→ MATERIAL TO PROCESS

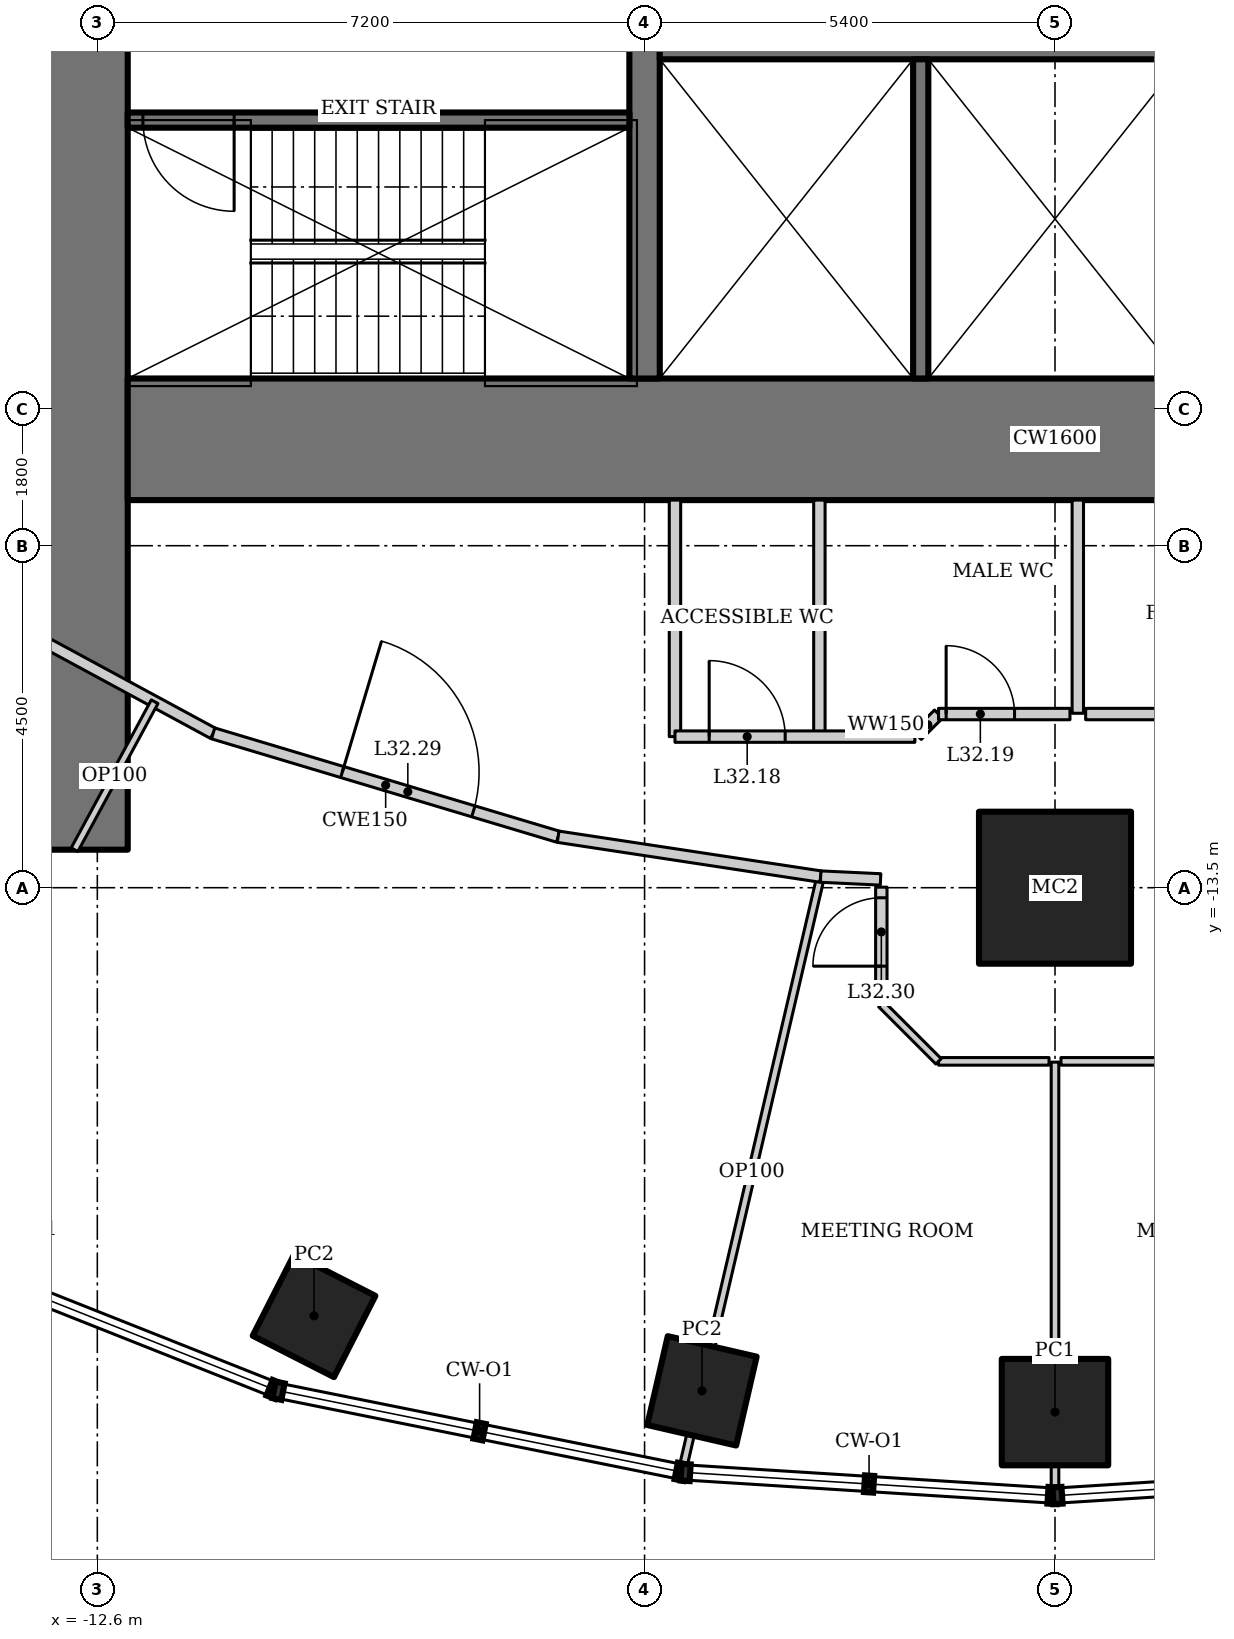
"""IFC4 building model, lengths in metres.
Left out: names, types, materials, properties, quantities, classifications, styles, units other than length and angle.
Written with IfcOpenShell. Run it as: python <this file> out.ifc"""

import sys

from ifc_helpers import new_model, si_unit, direction, frame, frame_2d, origin, origin_2d, place, context, subcontext, project, spatial, rectangle, hollow_rectangle, extrude, element, fill, save


model = new_model("IFC4")
c1 = context("Model", 3, precision=1e-05, world=origin(), true_north=direction((0.0, 1.0)))
c2 = subcontext(c1, "Body", "Model", "MODEL_VIEW")
j1 = project(units=[si_unit("LENGTHUNIT", "METRE"), si_unit("PLANEANGLEUNIT", "RADIAN")], contexts=[c1])
p1 = place(None, origin())
s1 = spatial("IfcSite", under=j1, at=p1, CompositionType="ELEMENT")
p2 = place(p1, origin())
s2 = spatial("IfcBuilding", under=s1, at=p2, CompositionType="ELEMENT")
p3 = place(p2, frame((0.0, 0.0, 138.4)))
s3 = spatial("IfcBuildingStorey", under=s2, at=p3, CompositionType="ELEMENT", Elevation=138.4)
p4 = place(p3, frame((0.0, -13.5, 0.0), z_axis=(0.0, 0.0, 1.0), x_axis=(1.0, 0.0, 0.0)))
e1 = element("IfcColumn", 1, at=p4, inside=s3, PredefinedType="COLUMN", context=c2, shape_type="SweptSolid", body=[
    extrude(hollow_rectangle(XDim=2.0, YDim=2.0, WallThickness=0.17, at=origin_2d()), origin(), (0.0, 0.0, 1.0), 4.2),
])
for number, where, z_axis, x_axis in (
    (2, (-9.749, -19.133, 0.0), (0.0, 0.0, 1.0), (0.454, 0.891, 0.0)),
    (3, (-4.645, -20.12, 0.0), (0.0, 0.0, 1.0), (0.225, 0.974, 0.0)),
):
    element("IfcColumn", number, at=place(p3, frame(where, z_axis=z_axis, x_axis=x_axis)), inside=s3, PredefinedType="COLUMN", context=c2, shape_type="SweptSolid", body=[
        extrude(hollow_rectangle(XDim=1.2, YDim=1.2, WallThickness=0.1, at=origin_2d()), origin(), (0.0, 0.0, 1.0), 4.2),
    ])
p5 = place(p3, frame((0.0, -20.4, 0.0), z_axis=(0.0, 0.0, 1.0), x_axis=(1.0, 0.0, 0.0)))
e4 = element("IfcColumn", 4, at=p5, inside=s3, PredefinedType="COLUMN", context=c2, shape_type="SweptSolid", body=[
    extrude(hollow_rectangle(XDim=1.4, YDim=1.4, WallThickness=0.1, at=origin_2d()), origin(), (0.0, 0.0, 1.0), 4.2),
])
p6 = place(p3, frame((-12.9, 13.0, 0.0), z_axis=(0.0, 0.0, 1.0), x_axis=(0.0, -1.0, 0.0)))
e5 = element("IfcWall", 5, at=p6, inside=s3, PredefinedType="SHEAR", context=c2, shape_type="SweptSolid", body=[
    extrude(rectangle(XDim=26.0, YDim=1.4, at=frame_2d((13.0, 0.0))), origin(), (0.0, 0.0, 1.0), 4.2),
])
p7 = place(p6, frame((12.1, 0.0, 0.0)))
e6 = element("IfcOpeningElement", 6, at=p7, cuts=e5, PredefinedType="OPENING", context=c2, shape_type="SweptSolid", body=[
    extrude(rectangle(XDim=1.8, YDim=2.1, at=frame_2d((0.9, 1.05))), frame((0.0, 0.71, 0.0), z_axis=(0.0, -1.0, 0.0), x_axis=(1.0, 0.0, 0.0)), (0.0, 0.0, 1.0), 1.42),
])
p8 = place(p3, frame((-12.2, -7.6, 0.0), z_axis=(0.0, 0.0, 1.0), x_axis=(1.0, 0.0, 0.0)))
e7 = element("IfcWall", 7, at=p8, inside=s3, PredefinedType="SHEAR", context=c2, shape_type="SweptSolid", body=[
    extrude(rectangle(XDim=24.4, YDim=1.6, at=frame_2d((12.2, 0.0))), origin(), (0.0, 0.0, 1.0), 4.2),
])
p9 = place(p3, frame((-5.4, 6.8, 0.0), z_axis=(0.0, 0.0, 1.0), x_axis=(0.0, -1.0, 0.0)))
e8 = element("IfcWall", 8, at=p9, inside=s3, PredefinedType="SHEAR", context=c2, shape_type="SweptSolid", body=[
    extrude(rectangle(XDim=13.6, YDim=0.4, at=frame_2d((6.8, 0.0))), origin(), (0.0, 0.0, 1.0), 4.2),
])
p10 = place(p9, frame((5.9, 0.0, 0.0)))
e9 = element("IfcOpeningElement", 9, at=p10, cuts=e8, PredefinedType="OPENING", context=c2, shape_type="SweptSolid", body=[
    extrude(rectangle(XDim=1.8, YDim=2.1, at=frame_2d((0.9, 1.05))), frame((0.0, 0.21, 0.0), z_axis=(0.0, -1.0, 0.0), x_axis=(1.0, 0.0, 0.0)), (0.0, 0.0, 1.0), 0.42),
])
p11 = place(p3, frame((-5.2, -2.4, 0.0), z_axis=(0.0, 0.0, 1.0), x_axis=(1.0, 0.0, 0.0)))
e10 = element("IfcWall", 10, at=p11, inside=s3, PredefinedType="SHEAR", context=c2, shape_type="SweptSolid", body=[
    extrude(rectangle(XDim=10.4, YDim=0.4, at=frame_2d((5.2, 0.0))), origin(), (0.0, 0.0, 1.0), 4.2),
])
p12 = place(p3, frame((-1.767, -2.6, 0.0), z_axis=(0.0, 0.0, 1.0), x_axis=(0.0, -1.0, 0.0)))
e11 = element("IfcWall", 11, at=p12, inside=s3, PredefinedType="SOLIDWALL", context=c2, shape_type="SweptSolid", body=[
    extrude(rectangle(XDim=4.2, YDim=0.2, at=frame_2d((2.1, 0.0))), origin(), (0.0, 0.0, 1.0), 4.2),
])
p13 = place(p3, frame((-5.6, -3.4, 0.0), z_axis=(0.0, 0.0, 1.0), x_axis=(-1.0, 0.0, 0.0)))
e12 = element("IfcWall", 12, at=p13, inside=s3, PredefinedType="SHEAR", context=c2, shape_type="SweptSolid", body=[
    extrude(rectangle(XDim=6.6, YDim=0.2, at=frame_2d((3.3, 0.0))), origin(), (0.0, 0.0, 1.0), 4.2),
])
p14 = place(p13, frame((5.2, 0.0, 0.0)))
e13 = element("IfcOpeningElement", 13, at=p14, cuts=e12, PredefinedType="OPENING", context=c2, shape_type="SweptSolid", body=[
    extrude(rectangle(XDim=1.2, YDim=2.1, at=frame_2d((0.6, 1.05))), frame((0.0, 0.11, 0.0), z_axis=(0.0, -1.0, 0.0), x_axis=(1.0, 0.0, 0.0)), (0.0, 0.0, 1.0), 0.22),
])
p15 = place(p3, frame((-4.897, -21.135, 0.0), z_axis=(0.0, 0.0, 1.0), x_axis=(0.227039313577, 0.973885593943, 0.0)))
e14 = element("IfcWall", 14, at=p15, inside=s3, PredefinedType="PARTITIONING", context=c2, shape_type="SweptSolid", body=[
    extrude(rectangle(XDim=7.99, YDim=0.1, at=frame_2d((3.995, 0.0))), origin(), (0.0, 0.0, 1.0), 3.293),
])
p16 = place(p3, frame((-15.696, -8.969, 0.0), z_axis=(0.0, 0.0, 1.0), x_axis=(0.879436285334, -0.476016617397, 0.0)))
e15 = element("IfcWall", 15, at=p16, inside=s3, PredefinedType="PARTITIONING", context=c2, shape_type="SweptSolid", body=[
    extrude(rectangle(XDim=5.253, YDim=0.15, at=frame_2d((2.626, 0.0))), origin(), (0.0, 0.0, 1.0), 4.05),
])
p17 = place(p3, frame((-11.076, -11.469, 0.0), z_axis=(0.0, 0.0, 1.0), x_axis=(0.957933992798, -0.286988615527, 0.0)))
e16 = element("IfcWall", 16, at=p17, inside=s3, PredefinedType="PARTITIONING", context=c2, shape_type="SweptSolid", body=[
    extrude(rectangle(XDim=4.738, YDim=0.15, at=frame_2d((2.369, 0.0))), origin(), (0.0, 0.0, 1.0), 4.05),
])
p18 = place(p17, frame((1.774, 0.0, 0.0)))
e17 = element("IfcOpeningElement", 17, at=p18, cuts=e16, PredefinedType="OPENING", context=c2, shape_type="SweptSolid", body=[
    extrude(rectangle(XDim=1.8, YDim=2.1, at=frame_2d((0.9, 1.05))), frame((0.0, 0.085, 0.0), z_axis=(0.0, -1.0, 0.0), x_axis=(1.0, 0.0, 0.0)), (0.0, 0.0, 1.0), 0.17),
])
p19 = place(p3, frame((-6.537, -12.829, 0.0), z_axis=(0.0, 0.0, 1.0), x_axis=(0.988668719464, -0.150113833987, 0.0)))
e18 = element("IfcWall", 18, at=p19, inside=s3, PredefinedType="PARTITIONING", context=c2, shape_type="SweptSolid", body=[
    extrude(rectangle(XDim=3.493, YDim=0.15, at=frame_2d((1.747, 0.0))), origin(), (0.0, 0.0, 1.0), 4.05),
])
for number, where, z_axis, x_axis in (
    (19, (-5.0, -8.4, 0.0), (0.0, 0.0, 1.0), (0.0, -1.0, 0.0)),
    (20, (-3.1, -8.4, 0.0), (0.0, 0.0, 1.0), (0.0, -1.0, 0.0)),
):
    element("IfcWall", number, at=place(p3, frame(where, z_axis=z_axis, x_axis=x_axis)), inside=s3, PredefinedType="SOLIDWALL", context=c2, shape_type="SweptSolid", body=[
        extrude(rectangle(XDim=3.112, YDim=0.15, at=frame_2d((1.556, 0.0))), origin(), (0.0, 0.0, 1.0), 4.05),
    ])
p20 = place(p3, frame((-12.9, -13.0, 0.0), z_axis=(0.0, 0.0, 1.0), x_axis=(0.475998959765, 0.879445842734, 0.0)))
e21 = element("IfcWall", 21, at=p20, inside=s3, PredefinedType="PARTITIONING", context=c2, shape_type="SweptSolid", body=[
    extrude(rectangle(XDim=2.214, YDim=0.1, at=frame_2d((1.107, 0.0))), origin(), (0.0, 0.0, 1.0), 4.05),
])
p21 = place(p3, frame((0.0, -21.445, 0.0), z_axis=(0.0, 0.0, 1.0), x_axis=(0.0, 1.0, 0.0)))
e22 = element("IfcWall", 22, at=p21, inside=s3, PredefinedType="PARTITIONING", context=c2, shape_type="SweptSolid", body=[
    extrude(rectangle(XDim=5.65, YDim=0.1, at=frame_2d((2.825, 0.0))), origin(), (0.0, 0.0, 1.0), 3.646),
])
p22 = place(p3, frame((-3.083, -13.354, 0.0), z_axis=(0.0, 0.0, 1.0), x_axis=(0.998878614804, -0.04734461836, 0.0)))
e23 = element("IfcWall", 23, at=p22, inside=s3, PredefinedType="PARTITIONING", context=c2, shape_type="SweptSolid", body=[
    extrude(rectangle(XDim=0.789, YDim=0.15, at=frame_2d((0.395, 0.0))), origin(), (0.0, 0.0, 1.0), 4.05),
])
p23 = place(p3, frame((-5.0, -11.512, 0.0), z_axis=(0.0, 0.0, 1.0), x_axis=(1.0, 0.0, 0.0)))
e24 = element("IfcWall", 24, at=p23, inside=s3, PredefinedType="SOLIDWALL", context=c2, shape_type="SweptSolid", body=[
    extrude(rectangle(XDim=3.156, YDim=0.15, at=frame_2d((1.578, 0.0))), origin(), (0.0, 0.0, 1.0), 4.05),
])
p24 = place(p23, frame((0.45, 0.0, 0.0)))
e25 = element("IfcOpeningElement", 25, at=p24, cuts=e24, PredefinedType="OPENING", context=c2, shape_type="SweptSolid", body=[
    extrude(rectangle(XDim=1.0, YDim=2.1, at=frame_2d((0.5, 1.05))), frame((0.0, 0.085, 0.0), z_axis=(0.0, -1.0, 0.0), x_axis=(1.0, 0.0, 0.0)), (0.0, 0.0, 1.0), 0.17),
])
p25 = place(p3, frame((0.3, -8.4, 0.0), z_axis=(0.0, 0.0, 1.0), x_axis=(0.0, -1.0, 0.0)))
e26 = element("IfcWall", 26, at=p25, inside=s3, PredefinedType="SOLIDWALL", context=c2, shape_type="SweptSolid", body=[
    extrude(rectangle(XDim=2.805, YDim=0.15, at=frame_2d((1.403, 0.0))), origin(), (0.0, 0.0, 1.0), 4.05),
])
p26 = place(p3, frame((-1.813, -11.496, 0.0), z_axis=(0.0, 0.0, 1.0), x_axis=(0.707413751745, 0.706799677308, 0.0)))
e27 = element("IfcWall", 27, at=p26, inside=s3, PredefinedType="SOLIDWALL", context=c2, shape_type="SweptSolid", body=[
    extrude(rectangle(XDim=0.397, YDim=0.15, at=frame_2d((0.199, 0.0))), origin(), (0.0, 0.0, 1.0), 4.05),
])
p27 = place(p3, frame((-1.532, -11.215, 0.0), z_axis=(0.0, 0.0, 1.0), x_axis=(1.0, 0.0, 0.0)))
e28 = element("IfcWall", 28, at=p27, inside=s3, PredefinedType="SOLIDWALL", context=c2, shape_type="SweptSolid", body=[
    extrude(rectangle(XDim=1.729, YDim=0.15, at=frame_2d((0.865, 0.0))), origin(), (0.0, 0.0, 1.0), 4.05),
])
p28 = place(p27, frame((0.1, 0.0, 0.0)))
e29 = element("IfcOpeningElement", 29, at=p28, cuts=e28, PredefinedType="OPENING", context=c2, shape_type="SweptSolid", body=[
    extrude(rectangle(XDim=0.9, YDim=2.1, at=frame_2d((0.45, 1.05))), frame((0.0, 0.085, 0.0), z_axis=(0.0, -1.0, 0.0), x_axis=(1.0, 0.0, 0.0)), (0.0, 0.0, 1.0), 0.17),
])
p29 = place(p3, frame((0.403, -11.215, 0.0), z_axis=(0.0, 0.0, 1.0), x_axis=(1.0, 0.0, 0.0)))
e30 = element("IfcWall", 30, at=p29, inside=s3, PredefinedType="SOLIDWALL", context=c2, shape_type="SweptSolid", body=[
    extrude(rectangle(XDim=1.129, YDim=0.15, at=frame_2d((0.564, 0.0))), origin(), (0.0, 0.0, 1.0), 4.05),
])
p30 = place(p3, frame((-2.285, -15.032, 0.0), z_axis=(0.0, 0.0, 1.0), x_axis=(0.0, 1.0, 0.0)))
e31 = element("IfcWall", 31, at=p30, inside=s3, PredefinedType="PARTITIONING", context=c2, shape_type="SweptSolid", body=[
    extrude(rectangle(XDim=1.54, YDim=0.15, at=frame_2d((0.77, 0.0))), origin(), (0.0, 0.0, 1.0), 4.05),
])
p31 = place(p30, frame((0.5, 0.0, 0.0)))
e32 = element("IfcOpeningElement", 32, at=p31, cuts=e31, PredefinedType="OPENING", context=c2, shape_type="SweptSolid", body=[
    extrude(rectangle(XDim=0.9, YDim=2.1, at=frame_2d((0.45, 1.05))), frame((0.0, 0.085, 0.0), z_axis=(0.0, -1.0, 0.0), x_axis=(1.0, 0.0, 0.0)), (0.0, 0.0, 1.0), 0.17),
])
p32 = place(p3, frame((-0.078, -15.785, 0.0), z_axis=(0.0, 0.0, 1.0), x_axis=(-1.0, 0.0, 0.0)))
e33 = element("IfcWall", 33, at=p32, inside=s3, PredefinedType="PARTITIONING", context=c2, shape_type="SweptSolid", body=[
    extrude(rectangle(XDim=1.454, YDim=0.1, at=frame_2d((0.727, 0.0))), origin(), (0.0, 0.0, 1.0), 4.05),
])
p33 = place(p3, frame((-1.532, -15.785, 0.0), z_axis=(0.0, 0.0, 1.0), x_axis=(-0.707106781187, 0.707106781187, 0.0)))
e34 = element("IfcWall", 34, at=p33, inside=s3, PredefinedType="PARTITIONING", context=c2, shape_type="SweptSolid", body=[
    extrude(rectangle(XDim=1.064, YDim=0.1, at=frame_2d((0.532, 0.0))), origin(), (0.0, 0.0, 1.0), 4.05),
])
p34 = place(p3, frame((1.532, -15.785, 0.0), z_axis=(0.0, 0.0, 1.0), x_axis=(-1.0, 0.0, 0.0)))
e35 = element("IfcWall", 35, at=p34, inside=s3, PredefinedType="PARTITIONING", context=c2, shape_type="SweptSolid", body=[
    extrude(rectangle(XDim=1.454, YDim=0.1, at=frame_2d((0.727, 0.0))), origin(), (0.0, 0.0, 1.0), 4.05),
])
p35 = place(p14, origin())
e36 = element("IfcDoor", 36, at=p35, inside=s3, OperationType="SINGLE_SWING_RIGHT", PredefinedType="DOOR", context=c2, shape_type="SweptSolid", body=[
    extrude(rectangle(XDim=1.2, YDim=2.1, at=frame_2d((0.6, 1.05))), frame((0.0, 0.025, 0.0), z_axis=(0.0, -1.0, 0.0), x_axis=(1.0, 0.0, 0.0)), (0.0, 0.0, 1.0), 0.05),
])
fill(e13, e36)
p36 = place(p24, origin())
e37 = element("IfcDoor", 37, at=p36, inside=s3, OperationType="SINGLE_SWING_LEFT", PredefinedType="DOOR", context=c2, shape_type="SweptSolid", body=[
    extrude(rectangle(XDim=1.0, YDim=2.1, at=frame_2d((0.5, 1.05))), frame((0.0, 0.025, 0.0), z_axis=(0.0, -1.0, 0.0), x_axis=(1.0, 0.0, 0.0)), (0.0, 0.0, 1.0), 0.05),
])
fill(e25, e37)
p37 = place(p28, origin())
e38 = element("IfcDoor", 38, at=p37, inside=s3, OperationType="SINGLE_SWING_LEFT", PredefinedType="DOOR", context=c2, shape_type="SweptSolid", body=[
    extrude(rectangle(XDim=0.9, YDim=2.1, at=frame_2d((0.45, 1.05))), frame((0.0, 0.025, 0.0), z_axis=(0.0, -1.0, 0.0), x_axis=(1.0, 0.0, 0.0)), (0.0, 0.0, 1.0), 0.05),
])
fill(e29, e38)
p38 = place(p18, origin())
e39 = element("IfcDoor", 39, at=p38, inside=s3, OperationType="DOUBLE_DOOR_DOUBLE_SWING", PredefinedType="DOOR", context=c2, shape_type="SweptSolid", body=[
    extrude(rectangle(XDim=1.8, YDim=2.1, at=frame_2d((0.9, 1.05))), frame((0.0, 0.025, 0.0), z_axis=(0.0, -1.0, 0.0), x_axis=(1.0, 0.0, 0.0)), (0.0, 0.0, 1.0), 0.05),
])
fill(e17, e39)
p39 = place(p31, origin())
e40 = element("IfcDoor", 40, at=p39, inside=s3, OperationType="SINGLE_SWING_LEFT", PredefinedType="DOOR", context=c2, shape_type="SweptSolid", body=[
    extrude(rectangle(XDim=0.9, YDim=2.1, at=frame_2d((0.45, 1.05))), frame((0.0, 0.025, 0.0), z_axis=(0.0, -1.0, 0.0), x_axis=(1.0, 0.0, 0.0)), (0.0, 0.0, 1.0), 0.05),
])
fill(e32, e40)
save(model, sys.argv[1])

→ THE PROBLEM
Copy out, from the listing above, every line that contains the word "units".

→ WRITTEN ANSWER
Left out: names, types, materials, properties, quantities, classifications, styles, units other than length and angle.
j1 = project(units=[si_unit("LENGTHUNIT", "METRE"), si_unit("PLANEANGLEUNIT", "RADIAN")], contexts=[c1])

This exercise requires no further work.